Exactly one number should make up the answer: how many lines of the listing contain the string "origin".

= INFORMATION SUPPLIED =
════════════════════

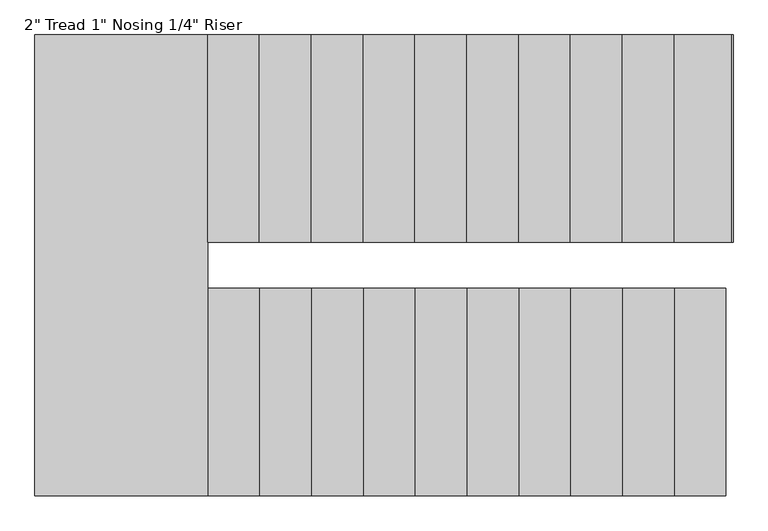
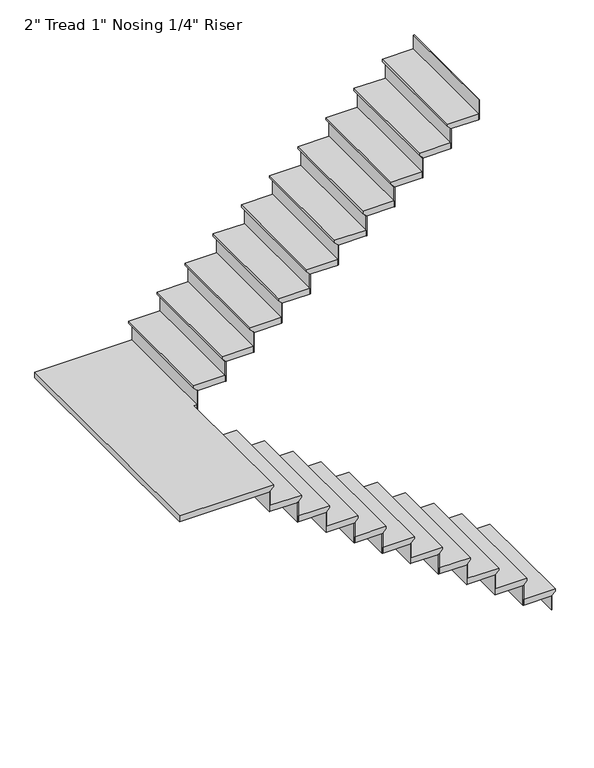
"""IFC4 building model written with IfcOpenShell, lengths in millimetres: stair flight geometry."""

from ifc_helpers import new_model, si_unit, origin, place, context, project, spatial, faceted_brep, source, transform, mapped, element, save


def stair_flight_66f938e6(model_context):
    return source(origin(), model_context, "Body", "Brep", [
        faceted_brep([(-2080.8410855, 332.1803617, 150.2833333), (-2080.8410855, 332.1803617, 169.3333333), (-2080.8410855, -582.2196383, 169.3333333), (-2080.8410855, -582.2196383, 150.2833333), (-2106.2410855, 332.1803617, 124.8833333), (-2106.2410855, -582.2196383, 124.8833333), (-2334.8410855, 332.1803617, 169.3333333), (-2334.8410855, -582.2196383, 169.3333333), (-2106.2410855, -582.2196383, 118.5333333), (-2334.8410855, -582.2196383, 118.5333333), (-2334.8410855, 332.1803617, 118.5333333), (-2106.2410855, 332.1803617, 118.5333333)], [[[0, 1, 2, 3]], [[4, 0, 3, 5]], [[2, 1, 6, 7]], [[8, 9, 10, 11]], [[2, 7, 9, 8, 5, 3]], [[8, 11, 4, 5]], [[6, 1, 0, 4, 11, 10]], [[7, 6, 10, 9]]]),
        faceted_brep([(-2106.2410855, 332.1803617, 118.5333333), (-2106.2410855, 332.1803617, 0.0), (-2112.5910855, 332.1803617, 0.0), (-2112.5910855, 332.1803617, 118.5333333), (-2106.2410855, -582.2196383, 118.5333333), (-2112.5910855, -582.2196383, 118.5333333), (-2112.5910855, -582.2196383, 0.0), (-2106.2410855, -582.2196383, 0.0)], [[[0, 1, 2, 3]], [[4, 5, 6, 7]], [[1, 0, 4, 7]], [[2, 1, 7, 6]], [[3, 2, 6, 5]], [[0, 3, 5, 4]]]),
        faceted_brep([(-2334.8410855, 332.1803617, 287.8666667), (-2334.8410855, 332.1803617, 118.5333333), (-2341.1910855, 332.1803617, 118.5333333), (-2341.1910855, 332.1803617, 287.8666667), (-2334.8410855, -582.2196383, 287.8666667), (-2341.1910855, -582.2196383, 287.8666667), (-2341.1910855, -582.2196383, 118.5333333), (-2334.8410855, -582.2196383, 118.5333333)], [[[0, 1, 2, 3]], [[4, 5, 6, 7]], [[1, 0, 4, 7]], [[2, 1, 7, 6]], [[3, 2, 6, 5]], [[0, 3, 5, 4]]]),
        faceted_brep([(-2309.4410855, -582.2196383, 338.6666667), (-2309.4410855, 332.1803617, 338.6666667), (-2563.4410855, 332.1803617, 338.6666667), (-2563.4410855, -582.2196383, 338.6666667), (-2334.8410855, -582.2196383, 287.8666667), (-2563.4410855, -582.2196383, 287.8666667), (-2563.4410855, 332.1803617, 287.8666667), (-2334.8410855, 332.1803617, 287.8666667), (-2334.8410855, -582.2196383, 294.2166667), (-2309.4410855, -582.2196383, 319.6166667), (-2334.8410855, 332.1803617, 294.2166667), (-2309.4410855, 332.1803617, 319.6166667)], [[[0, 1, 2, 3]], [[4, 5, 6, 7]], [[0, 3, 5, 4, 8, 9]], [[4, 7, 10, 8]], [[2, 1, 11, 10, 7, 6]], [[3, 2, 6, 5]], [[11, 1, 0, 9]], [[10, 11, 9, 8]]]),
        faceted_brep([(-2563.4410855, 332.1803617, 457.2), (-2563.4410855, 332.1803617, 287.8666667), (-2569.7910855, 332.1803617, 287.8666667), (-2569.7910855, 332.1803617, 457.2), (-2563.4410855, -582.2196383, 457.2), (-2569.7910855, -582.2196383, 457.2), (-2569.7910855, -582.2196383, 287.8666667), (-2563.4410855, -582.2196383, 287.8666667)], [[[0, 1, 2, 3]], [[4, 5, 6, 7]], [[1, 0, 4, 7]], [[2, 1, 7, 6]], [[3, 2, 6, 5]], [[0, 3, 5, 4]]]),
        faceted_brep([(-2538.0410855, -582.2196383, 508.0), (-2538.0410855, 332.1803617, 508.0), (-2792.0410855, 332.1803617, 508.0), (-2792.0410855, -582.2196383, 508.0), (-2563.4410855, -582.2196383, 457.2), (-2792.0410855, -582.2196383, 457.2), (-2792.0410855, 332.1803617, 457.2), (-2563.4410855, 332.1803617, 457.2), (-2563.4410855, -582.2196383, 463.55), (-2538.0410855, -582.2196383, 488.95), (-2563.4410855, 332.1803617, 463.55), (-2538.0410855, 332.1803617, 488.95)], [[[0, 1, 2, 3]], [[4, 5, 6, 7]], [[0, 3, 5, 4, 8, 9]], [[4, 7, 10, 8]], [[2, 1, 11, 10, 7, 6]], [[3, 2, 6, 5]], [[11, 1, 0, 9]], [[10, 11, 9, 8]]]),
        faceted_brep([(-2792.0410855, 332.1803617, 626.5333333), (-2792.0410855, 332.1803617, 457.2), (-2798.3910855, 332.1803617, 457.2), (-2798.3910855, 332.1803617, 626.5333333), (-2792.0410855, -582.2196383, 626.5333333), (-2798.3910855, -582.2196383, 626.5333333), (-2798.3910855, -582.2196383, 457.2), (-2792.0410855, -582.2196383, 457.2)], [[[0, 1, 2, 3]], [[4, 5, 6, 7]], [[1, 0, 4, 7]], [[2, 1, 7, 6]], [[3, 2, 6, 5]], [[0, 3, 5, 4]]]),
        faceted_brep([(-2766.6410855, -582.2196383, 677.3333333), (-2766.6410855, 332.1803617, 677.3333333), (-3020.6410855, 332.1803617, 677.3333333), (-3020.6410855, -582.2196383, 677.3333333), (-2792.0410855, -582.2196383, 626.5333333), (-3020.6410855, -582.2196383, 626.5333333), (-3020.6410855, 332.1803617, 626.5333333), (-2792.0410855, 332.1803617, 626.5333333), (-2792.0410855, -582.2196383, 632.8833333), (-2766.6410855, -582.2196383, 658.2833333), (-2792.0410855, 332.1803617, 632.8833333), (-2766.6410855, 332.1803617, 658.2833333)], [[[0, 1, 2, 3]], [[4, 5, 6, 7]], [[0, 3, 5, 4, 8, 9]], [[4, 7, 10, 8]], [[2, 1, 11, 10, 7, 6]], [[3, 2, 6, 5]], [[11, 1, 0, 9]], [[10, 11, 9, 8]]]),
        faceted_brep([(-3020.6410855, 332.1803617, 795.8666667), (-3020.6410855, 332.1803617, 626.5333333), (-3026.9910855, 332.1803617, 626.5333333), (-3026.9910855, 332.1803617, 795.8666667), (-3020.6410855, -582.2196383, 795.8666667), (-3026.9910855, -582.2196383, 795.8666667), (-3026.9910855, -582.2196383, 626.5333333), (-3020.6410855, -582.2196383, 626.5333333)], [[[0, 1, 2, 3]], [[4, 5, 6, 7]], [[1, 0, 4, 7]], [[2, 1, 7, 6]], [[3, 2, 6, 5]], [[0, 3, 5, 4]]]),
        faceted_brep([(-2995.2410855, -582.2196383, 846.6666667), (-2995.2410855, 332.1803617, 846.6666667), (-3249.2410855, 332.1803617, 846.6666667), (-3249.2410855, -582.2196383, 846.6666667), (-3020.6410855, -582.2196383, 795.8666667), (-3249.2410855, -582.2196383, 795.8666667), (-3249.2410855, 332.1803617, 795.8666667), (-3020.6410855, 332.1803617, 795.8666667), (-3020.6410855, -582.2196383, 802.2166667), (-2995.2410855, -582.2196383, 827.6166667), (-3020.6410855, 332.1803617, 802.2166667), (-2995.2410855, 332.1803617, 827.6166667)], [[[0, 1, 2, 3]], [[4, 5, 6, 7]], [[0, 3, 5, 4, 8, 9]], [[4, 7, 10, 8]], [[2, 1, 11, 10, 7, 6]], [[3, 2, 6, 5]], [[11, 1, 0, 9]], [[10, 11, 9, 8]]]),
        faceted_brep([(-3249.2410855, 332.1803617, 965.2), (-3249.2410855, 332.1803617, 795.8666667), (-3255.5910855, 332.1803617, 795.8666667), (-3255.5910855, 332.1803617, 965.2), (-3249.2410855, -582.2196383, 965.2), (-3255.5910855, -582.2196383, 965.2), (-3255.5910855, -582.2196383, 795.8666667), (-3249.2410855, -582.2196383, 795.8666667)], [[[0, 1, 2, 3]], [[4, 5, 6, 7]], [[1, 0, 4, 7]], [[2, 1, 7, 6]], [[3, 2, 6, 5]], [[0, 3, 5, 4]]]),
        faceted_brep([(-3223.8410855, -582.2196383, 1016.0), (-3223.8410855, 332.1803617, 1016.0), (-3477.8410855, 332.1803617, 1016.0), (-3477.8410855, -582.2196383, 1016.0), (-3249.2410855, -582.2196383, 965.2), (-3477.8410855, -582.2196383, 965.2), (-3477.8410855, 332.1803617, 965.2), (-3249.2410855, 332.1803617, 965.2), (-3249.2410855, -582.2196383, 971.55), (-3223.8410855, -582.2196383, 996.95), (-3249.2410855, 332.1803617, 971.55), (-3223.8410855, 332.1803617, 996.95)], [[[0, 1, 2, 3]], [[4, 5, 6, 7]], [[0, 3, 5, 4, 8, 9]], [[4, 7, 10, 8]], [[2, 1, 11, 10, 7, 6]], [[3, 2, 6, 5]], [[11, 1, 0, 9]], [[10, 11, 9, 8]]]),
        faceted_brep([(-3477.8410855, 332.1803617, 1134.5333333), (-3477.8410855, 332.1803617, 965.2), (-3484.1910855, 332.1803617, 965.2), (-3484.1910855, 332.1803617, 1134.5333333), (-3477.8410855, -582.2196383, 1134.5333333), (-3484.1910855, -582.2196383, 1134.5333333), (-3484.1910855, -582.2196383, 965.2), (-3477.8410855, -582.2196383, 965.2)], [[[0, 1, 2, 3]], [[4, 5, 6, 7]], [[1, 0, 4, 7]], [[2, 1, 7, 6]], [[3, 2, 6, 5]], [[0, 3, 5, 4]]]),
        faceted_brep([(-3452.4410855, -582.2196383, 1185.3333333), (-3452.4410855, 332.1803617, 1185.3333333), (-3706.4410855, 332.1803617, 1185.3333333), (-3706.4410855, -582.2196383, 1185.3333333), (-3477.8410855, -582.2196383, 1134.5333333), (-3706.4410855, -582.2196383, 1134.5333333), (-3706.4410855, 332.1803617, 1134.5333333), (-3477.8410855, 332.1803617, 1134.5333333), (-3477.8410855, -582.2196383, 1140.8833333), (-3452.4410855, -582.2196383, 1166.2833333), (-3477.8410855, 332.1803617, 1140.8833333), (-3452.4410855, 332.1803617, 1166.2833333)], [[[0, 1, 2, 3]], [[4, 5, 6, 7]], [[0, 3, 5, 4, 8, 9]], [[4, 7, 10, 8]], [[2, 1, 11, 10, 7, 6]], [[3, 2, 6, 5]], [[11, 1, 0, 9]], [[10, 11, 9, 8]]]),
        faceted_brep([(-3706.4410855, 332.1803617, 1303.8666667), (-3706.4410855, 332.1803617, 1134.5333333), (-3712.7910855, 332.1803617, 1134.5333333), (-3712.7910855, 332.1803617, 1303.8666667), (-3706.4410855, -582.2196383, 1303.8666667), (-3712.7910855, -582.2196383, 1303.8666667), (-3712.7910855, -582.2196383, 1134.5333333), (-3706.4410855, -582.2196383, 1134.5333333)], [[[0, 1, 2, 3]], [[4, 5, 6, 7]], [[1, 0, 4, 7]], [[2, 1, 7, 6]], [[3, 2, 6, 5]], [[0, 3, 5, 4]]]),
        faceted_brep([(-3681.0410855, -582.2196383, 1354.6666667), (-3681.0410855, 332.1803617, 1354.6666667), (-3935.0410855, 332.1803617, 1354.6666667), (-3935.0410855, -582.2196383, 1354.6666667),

════════════════════

= RESULT OF THIS TASK =
2